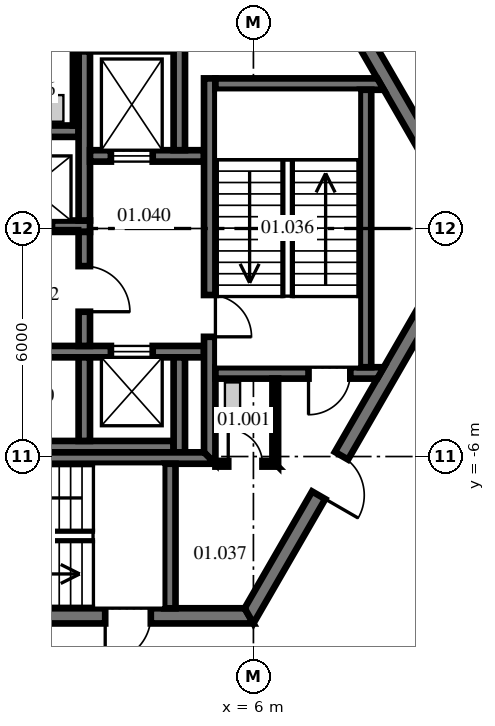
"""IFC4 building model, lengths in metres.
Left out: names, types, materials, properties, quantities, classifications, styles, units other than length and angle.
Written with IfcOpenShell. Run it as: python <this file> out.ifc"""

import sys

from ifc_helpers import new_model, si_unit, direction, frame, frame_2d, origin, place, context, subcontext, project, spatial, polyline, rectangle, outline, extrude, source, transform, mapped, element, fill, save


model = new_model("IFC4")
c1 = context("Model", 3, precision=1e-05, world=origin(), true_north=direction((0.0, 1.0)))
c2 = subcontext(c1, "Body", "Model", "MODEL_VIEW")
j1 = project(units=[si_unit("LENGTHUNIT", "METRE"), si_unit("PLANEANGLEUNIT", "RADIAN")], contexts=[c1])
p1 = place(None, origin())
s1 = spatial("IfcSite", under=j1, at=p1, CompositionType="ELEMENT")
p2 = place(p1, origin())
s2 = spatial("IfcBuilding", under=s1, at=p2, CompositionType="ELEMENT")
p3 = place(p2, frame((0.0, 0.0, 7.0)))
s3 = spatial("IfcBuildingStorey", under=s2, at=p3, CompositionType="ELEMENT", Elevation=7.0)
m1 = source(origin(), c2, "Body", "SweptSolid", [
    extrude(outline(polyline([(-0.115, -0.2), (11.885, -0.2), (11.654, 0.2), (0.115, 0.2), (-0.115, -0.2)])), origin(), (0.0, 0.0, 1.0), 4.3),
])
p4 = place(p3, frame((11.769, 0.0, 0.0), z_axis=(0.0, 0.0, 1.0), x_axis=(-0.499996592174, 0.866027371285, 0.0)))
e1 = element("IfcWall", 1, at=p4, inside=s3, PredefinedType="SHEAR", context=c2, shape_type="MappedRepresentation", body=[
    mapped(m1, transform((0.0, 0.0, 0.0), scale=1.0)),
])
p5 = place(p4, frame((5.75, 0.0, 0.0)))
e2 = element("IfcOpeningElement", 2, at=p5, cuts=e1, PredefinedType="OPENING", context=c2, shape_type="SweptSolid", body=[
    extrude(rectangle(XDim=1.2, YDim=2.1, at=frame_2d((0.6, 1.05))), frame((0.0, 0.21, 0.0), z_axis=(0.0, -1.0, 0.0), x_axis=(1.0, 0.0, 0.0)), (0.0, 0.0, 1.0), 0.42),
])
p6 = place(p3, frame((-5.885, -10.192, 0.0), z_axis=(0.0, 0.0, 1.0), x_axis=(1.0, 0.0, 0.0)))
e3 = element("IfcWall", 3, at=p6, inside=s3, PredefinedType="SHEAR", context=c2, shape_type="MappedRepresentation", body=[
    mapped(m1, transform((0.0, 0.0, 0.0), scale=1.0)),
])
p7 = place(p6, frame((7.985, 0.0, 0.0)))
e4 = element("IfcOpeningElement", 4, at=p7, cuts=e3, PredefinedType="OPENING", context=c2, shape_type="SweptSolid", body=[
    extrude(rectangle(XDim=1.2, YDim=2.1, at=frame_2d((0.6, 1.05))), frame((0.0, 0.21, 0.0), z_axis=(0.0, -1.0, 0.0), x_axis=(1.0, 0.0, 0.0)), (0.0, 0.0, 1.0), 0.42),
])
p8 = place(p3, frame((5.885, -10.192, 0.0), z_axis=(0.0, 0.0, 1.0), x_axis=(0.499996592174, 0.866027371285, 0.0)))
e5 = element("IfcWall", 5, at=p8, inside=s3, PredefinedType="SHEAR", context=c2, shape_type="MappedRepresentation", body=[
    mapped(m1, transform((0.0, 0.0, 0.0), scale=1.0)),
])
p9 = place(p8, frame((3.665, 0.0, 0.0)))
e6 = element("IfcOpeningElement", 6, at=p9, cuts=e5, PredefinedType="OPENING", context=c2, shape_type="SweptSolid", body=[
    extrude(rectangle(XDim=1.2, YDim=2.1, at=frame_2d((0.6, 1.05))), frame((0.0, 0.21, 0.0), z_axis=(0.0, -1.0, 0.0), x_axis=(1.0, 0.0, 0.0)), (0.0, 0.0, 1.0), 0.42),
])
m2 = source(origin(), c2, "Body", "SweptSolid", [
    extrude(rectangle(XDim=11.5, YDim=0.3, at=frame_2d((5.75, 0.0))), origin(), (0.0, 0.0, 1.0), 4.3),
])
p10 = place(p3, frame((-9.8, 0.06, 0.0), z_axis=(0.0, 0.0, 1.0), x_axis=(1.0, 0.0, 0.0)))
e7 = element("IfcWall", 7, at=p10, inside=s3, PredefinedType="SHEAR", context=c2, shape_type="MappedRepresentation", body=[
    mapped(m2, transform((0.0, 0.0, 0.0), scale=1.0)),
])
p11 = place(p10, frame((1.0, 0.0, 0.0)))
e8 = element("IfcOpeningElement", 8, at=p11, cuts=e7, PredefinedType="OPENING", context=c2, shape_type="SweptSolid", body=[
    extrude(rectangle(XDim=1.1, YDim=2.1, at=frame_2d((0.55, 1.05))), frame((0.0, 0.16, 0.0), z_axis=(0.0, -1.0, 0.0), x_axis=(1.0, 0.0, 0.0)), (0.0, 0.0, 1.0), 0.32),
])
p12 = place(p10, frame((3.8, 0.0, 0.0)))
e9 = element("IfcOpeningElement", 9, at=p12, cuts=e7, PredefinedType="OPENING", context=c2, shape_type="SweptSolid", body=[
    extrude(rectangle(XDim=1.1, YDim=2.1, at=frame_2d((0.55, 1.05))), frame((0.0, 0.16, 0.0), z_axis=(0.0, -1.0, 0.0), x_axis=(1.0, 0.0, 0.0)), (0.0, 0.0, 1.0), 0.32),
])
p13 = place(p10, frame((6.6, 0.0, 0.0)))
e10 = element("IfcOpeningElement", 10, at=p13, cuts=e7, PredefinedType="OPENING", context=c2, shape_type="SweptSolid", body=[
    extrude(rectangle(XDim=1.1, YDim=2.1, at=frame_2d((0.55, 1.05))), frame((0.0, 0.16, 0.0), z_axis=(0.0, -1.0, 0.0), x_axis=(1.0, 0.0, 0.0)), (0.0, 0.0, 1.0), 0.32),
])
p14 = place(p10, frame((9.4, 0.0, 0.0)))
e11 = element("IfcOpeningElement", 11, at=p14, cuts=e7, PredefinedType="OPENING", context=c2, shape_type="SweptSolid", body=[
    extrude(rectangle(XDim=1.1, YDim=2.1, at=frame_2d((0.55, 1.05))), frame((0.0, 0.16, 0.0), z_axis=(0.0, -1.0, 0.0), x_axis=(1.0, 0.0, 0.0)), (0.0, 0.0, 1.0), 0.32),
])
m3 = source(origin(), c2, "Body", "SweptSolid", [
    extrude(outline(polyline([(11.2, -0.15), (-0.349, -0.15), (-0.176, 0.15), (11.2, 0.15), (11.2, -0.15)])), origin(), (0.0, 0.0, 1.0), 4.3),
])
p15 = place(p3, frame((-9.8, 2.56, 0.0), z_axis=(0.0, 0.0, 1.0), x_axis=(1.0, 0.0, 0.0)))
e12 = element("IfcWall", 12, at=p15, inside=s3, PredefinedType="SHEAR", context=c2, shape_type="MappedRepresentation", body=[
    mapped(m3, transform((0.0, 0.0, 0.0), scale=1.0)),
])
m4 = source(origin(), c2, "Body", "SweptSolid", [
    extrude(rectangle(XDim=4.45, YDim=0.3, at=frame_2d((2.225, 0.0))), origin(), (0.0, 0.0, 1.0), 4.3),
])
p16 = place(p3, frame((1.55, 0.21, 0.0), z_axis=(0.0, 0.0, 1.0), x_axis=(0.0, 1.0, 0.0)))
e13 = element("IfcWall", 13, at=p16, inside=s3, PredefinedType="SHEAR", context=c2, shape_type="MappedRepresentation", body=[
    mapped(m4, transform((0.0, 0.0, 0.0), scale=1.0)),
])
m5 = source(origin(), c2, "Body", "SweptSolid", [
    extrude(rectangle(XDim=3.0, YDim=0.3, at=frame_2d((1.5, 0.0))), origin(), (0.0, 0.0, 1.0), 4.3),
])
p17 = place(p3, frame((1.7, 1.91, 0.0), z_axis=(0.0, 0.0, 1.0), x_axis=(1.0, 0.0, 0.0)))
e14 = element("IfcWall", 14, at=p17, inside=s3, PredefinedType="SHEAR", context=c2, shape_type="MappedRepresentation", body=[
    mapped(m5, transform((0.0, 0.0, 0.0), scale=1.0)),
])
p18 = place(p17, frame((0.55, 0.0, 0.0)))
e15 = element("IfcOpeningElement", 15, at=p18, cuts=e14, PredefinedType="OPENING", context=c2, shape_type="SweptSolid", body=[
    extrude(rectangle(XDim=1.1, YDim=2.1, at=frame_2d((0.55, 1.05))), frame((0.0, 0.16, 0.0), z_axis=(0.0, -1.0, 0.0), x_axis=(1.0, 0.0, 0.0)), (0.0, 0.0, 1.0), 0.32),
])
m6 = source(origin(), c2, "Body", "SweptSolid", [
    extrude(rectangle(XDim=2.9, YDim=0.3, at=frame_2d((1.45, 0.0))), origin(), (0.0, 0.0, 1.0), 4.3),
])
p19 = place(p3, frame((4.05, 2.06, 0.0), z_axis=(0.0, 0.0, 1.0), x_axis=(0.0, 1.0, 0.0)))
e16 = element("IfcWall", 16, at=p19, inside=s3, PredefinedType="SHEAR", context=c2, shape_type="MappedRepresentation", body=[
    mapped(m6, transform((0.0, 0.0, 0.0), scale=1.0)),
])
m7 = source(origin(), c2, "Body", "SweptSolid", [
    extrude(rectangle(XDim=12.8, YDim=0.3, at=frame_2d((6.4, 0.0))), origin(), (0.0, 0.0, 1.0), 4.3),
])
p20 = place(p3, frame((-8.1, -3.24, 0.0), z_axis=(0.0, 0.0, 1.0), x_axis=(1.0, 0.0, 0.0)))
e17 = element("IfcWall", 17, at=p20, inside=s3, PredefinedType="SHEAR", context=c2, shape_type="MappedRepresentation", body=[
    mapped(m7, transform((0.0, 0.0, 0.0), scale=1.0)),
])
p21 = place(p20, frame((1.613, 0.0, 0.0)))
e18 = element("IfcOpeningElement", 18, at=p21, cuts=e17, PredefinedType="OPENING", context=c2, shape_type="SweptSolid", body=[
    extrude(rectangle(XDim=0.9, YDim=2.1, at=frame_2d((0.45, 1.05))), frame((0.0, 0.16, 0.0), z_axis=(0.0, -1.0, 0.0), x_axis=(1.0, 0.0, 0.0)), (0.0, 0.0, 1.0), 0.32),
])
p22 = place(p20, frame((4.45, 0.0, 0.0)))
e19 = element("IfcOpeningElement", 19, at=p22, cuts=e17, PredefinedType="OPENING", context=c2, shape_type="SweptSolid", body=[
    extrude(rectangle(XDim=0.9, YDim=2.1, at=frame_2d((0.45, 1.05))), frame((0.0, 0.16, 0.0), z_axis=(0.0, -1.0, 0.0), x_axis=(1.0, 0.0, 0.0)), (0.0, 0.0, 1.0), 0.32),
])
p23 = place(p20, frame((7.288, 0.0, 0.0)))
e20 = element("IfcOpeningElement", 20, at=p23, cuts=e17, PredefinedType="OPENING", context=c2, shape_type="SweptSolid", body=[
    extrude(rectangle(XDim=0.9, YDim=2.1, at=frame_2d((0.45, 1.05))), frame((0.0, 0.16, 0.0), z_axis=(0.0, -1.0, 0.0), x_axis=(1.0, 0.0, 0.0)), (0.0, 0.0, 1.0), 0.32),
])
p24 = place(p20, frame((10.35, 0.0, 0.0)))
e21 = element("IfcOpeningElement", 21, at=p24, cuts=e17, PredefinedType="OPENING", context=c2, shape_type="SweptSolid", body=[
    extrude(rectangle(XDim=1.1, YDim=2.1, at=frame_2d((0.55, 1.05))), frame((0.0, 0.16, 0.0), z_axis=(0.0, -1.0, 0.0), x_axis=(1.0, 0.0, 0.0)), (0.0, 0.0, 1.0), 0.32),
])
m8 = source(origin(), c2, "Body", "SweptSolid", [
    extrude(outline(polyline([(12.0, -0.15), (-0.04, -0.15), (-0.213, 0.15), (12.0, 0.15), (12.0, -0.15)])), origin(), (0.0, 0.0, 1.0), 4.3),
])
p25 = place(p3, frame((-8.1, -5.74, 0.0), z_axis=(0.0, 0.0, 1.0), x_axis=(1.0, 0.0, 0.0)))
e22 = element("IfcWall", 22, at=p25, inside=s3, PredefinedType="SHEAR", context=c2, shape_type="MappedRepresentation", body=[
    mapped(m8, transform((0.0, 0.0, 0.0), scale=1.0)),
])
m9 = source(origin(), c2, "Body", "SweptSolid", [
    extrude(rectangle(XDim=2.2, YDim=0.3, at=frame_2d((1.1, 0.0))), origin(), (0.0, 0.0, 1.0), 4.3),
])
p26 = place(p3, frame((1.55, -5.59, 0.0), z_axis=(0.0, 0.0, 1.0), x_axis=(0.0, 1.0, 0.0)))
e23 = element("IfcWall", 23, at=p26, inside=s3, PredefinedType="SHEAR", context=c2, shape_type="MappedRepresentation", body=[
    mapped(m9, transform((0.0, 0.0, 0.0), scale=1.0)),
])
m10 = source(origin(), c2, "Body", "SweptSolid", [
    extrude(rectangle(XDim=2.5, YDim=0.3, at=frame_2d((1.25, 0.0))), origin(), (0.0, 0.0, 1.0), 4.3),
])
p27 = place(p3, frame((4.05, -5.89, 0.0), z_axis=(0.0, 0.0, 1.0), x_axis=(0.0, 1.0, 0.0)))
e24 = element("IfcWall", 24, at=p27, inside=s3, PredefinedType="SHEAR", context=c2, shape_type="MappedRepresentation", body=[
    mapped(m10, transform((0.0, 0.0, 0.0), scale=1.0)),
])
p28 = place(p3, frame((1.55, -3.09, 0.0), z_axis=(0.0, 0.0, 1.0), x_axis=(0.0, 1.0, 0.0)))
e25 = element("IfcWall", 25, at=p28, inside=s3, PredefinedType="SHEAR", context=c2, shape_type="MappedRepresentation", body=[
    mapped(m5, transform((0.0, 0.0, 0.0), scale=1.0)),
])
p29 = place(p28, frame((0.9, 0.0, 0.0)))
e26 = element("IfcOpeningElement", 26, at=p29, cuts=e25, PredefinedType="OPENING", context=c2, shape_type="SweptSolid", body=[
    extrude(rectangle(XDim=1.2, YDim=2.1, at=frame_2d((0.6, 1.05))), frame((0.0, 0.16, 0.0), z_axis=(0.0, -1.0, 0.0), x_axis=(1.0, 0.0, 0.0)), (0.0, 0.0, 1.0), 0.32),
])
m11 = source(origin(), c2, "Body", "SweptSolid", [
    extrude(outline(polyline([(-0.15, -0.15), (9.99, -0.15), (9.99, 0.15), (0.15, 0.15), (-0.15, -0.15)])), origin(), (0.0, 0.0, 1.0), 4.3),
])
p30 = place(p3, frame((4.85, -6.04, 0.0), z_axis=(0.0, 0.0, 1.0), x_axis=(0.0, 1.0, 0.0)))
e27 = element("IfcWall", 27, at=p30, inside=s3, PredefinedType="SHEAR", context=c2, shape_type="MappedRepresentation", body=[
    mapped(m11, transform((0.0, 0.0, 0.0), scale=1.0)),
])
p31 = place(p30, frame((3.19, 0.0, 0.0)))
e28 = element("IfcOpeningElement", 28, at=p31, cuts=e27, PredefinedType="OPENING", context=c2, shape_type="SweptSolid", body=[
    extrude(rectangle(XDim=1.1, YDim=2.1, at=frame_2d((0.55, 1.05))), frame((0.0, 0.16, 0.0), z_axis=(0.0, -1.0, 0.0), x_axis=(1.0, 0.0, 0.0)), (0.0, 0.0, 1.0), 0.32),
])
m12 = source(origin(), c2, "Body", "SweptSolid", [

____

(What is expected) In the copy, include each line from the start of the material through the line with "p1 = place(None, origin())", word for word, but none of the pictures.

(Completed task)
"""IFC4 building model, lengths in metres.
Left out: names, types, materials, properties, quantities, classifications, styles, units other than length and angle.
Written with IfcOpenShell. Run it as: python <this file> out.ifc"""

import sys

from ifc_helpers import new_model, si_unit, direction, frame, frame_2d, origin, place, context, subcontext, project, spatial, polyline, rectangle, outline, extrude, source, transform, mapped, element, fill, save


model = new_model("IFC4")
c1 = context("Model", 3, precision=1e-05, world=origin(), true_north=direction((0.0, 1.0)))
c2 = subcontext(c1, "Body", "Model", "MODEL_VIEW")
j1 = project(units=[si_unit("LENGTHUNIT", "METRE"), si_unit("PLANEANGLEUNIT", "RADIAN")], contexts=[c1])
p1 = place(None, origin())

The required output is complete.